* _Try it_
Compute how many lines in the entries below contain "dimension", and output nothing but the number.

*** Opening of Data ***

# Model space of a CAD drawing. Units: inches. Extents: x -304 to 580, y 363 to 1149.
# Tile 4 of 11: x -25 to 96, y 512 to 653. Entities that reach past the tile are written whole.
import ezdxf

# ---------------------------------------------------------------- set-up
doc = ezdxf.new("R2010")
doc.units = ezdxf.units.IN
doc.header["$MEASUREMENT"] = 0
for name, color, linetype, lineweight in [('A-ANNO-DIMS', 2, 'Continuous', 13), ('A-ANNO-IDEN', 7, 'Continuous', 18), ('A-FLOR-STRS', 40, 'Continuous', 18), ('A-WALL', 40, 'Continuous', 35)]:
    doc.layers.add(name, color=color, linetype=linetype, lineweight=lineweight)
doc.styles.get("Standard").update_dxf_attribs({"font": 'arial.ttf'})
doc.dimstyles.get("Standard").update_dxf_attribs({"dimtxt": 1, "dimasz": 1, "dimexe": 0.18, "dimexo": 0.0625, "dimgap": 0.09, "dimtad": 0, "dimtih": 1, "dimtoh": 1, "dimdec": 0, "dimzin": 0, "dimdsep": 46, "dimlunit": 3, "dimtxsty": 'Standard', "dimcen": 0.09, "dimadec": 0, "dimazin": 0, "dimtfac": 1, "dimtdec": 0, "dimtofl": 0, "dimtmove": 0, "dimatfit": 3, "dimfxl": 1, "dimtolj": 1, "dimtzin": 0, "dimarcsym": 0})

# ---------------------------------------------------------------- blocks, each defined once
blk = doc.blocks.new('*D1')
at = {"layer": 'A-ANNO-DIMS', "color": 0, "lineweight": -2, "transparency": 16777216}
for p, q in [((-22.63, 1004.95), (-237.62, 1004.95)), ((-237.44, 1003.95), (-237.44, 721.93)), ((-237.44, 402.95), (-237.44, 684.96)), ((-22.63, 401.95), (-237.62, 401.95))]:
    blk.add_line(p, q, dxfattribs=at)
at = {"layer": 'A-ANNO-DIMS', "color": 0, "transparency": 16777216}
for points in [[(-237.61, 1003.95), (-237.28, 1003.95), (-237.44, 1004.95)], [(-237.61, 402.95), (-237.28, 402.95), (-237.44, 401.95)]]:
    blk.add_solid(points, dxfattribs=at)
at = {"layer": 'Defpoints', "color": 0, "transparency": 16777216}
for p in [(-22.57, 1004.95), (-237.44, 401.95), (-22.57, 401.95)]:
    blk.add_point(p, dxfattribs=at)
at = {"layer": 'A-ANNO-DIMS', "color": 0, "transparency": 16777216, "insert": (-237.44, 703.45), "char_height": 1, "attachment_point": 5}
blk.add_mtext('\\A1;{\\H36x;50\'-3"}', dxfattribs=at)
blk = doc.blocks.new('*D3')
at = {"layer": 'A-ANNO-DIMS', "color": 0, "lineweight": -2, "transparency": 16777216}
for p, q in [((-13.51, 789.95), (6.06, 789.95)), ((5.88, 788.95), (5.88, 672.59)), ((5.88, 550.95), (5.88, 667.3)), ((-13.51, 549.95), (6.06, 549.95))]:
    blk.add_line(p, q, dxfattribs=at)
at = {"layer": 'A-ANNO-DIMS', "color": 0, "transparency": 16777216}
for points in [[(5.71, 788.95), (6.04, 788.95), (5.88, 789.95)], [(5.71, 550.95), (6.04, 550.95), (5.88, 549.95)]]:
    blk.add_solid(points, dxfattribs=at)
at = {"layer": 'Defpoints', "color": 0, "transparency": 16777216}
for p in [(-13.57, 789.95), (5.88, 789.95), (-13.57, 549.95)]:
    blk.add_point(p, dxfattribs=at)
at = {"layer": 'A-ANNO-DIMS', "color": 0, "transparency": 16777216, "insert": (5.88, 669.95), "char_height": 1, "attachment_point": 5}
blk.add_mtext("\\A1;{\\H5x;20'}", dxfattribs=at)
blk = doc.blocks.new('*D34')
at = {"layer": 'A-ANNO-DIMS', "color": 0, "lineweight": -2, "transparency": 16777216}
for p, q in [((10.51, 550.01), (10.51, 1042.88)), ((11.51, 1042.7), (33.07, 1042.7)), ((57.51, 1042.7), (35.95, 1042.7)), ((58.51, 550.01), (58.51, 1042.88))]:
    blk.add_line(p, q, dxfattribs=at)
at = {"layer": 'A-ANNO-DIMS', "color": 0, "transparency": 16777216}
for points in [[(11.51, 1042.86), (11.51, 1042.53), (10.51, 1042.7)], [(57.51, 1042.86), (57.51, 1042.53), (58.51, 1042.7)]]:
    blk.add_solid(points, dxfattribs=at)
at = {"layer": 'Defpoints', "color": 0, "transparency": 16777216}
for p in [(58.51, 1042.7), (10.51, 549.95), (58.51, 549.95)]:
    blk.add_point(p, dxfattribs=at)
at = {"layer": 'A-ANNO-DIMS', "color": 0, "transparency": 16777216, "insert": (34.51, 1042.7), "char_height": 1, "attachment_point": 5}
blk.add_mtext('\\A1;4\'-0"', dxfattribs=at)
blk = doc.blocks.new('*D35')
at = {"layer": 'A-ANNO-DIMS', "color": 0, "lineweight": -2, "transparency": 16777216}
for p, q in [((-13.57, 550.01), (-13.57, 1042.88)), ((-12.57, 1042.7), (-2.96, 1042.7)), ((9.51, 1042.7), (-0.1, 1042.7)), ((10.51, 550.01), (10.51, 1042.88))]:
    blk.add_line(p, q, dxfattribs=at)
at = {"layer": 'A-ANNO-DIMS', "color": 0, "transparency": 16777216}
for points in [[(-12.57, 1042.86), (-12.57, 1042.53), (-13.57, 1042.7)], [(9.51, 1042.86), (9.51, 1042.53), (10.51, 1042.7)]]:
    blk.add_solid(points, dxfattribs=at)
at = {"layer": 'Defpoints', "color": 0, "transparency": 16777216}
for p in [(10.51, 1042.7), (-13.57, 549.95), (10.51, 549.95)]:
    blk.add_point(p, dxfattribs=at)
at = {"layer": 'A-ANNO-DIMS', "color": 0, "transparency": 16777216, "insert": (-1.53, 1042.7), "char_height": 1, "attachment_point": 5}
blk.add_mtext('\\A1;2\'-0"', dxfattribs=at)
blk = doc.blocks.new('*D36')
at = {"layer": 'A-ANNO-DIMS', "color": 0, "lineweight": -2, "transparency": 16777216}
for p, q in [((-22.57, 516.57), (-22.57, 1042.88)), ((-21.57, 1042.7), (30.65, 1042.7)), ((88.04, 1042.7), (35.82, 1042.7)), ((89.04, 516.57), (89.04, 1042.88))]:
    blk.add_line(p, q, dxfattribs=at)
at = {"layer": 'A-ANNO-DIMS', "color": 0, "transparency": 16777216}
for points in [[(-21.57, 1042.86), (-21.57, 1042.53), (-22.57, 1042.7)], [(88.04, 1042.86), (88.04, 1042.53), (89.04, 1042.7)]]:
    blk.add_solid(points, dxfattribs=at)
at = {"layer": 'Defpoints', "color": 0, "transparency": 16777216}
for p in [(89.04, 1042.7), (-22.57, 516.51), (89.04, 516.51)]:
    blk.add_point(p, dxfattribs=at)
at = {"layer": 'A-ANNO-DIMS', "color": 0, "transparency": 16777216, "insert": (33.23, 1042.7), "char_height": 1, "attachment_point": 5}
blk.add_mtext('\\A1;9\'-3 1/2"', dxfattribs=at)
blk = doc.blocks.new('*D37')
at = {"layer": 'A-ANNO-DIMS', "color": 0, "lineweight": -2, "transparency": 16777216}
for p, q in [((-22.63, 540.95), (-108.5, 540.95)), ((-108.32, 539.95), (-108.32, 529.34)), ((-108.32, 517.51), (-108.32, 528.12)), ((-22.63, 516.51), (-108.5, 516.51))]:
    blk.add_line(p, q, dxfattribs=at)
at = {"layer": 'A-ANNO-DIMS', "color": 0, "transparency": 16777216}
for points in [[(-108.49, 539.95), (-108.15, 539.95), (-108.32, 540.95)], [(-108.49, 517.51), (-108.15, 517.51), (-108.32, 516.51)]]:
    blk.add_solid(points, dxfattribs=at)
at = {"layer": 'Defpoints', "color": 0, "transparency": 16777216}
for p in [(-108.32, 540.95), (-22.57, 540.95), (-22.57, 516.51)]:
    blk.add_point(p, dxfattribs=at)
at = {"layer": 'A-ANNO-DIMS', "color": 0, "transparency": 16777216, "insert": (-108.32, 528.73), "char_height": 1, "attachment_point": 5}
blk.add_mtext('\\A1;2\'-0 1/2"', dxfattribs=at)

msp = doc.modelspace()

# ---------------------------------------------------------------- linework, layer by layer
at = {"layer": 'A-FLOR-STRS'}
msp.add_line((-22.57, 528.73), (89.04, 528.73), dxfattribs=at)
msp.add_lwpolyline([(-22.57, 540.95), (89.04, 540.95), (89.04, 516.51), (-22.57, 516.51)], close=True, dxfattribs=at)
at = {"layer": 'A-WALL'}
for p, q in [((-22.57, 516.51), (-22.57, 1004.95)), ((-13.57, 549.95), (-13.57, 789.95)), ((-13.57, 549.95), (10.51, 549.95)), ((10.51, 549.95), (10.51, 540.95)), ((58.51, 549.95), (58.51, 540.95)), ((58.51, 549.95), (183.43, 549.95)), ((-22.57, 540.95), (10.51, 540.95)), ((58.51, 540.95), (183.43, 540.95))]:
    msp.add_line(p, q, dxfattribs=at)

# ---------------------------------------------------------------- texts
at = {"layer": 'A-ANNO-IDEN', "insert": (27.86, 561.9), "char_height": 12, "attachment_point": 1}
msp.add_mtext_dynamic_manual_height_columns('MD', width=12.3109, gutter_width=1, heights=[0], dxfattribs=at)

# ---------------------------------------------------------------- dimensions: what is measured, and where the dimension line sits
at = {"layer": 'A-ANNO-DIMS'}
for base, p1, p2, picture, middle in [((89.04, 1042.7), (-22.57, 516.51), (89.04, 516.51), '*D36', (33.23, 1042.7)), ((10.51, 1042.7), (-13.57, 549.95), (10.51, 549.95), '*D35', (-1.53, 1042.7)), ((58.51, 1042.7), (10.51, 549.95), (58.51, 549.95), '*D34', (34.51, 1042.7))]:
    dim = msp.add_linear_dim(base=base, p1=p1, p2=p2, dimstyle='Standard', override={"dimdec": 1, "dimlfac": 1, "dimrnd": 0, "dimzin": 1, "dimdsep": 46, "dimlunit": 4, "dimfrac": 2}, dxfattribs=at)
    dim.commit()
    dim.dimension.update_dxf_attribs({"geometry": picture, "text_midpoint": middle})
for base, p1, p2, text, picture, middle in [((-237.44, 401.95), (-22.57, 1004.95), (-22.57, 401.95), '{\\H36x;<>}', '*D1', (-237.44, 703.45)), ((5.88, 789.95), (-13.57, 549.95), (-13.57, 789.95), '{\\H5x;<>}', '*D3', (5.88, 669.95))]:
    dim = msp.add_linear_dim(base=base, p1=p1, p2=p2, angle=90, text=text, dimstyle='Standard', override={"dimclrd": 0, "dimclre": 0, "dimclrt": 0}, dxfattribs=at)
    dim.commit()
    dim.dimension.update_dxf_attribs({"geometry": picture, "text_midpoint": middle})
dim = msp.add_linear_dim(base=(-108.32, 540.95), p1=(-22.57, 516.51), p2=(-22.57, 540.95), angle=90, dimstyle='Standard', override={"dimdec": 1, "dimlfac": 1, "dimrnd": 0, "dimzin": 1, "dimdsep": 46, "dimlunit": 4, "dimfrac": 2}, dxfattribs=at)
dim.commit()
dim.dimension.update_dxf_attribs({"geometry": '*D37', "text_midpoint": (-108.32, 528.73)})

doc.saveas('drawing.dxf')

*** Close of Data ***

* _Written reply_
4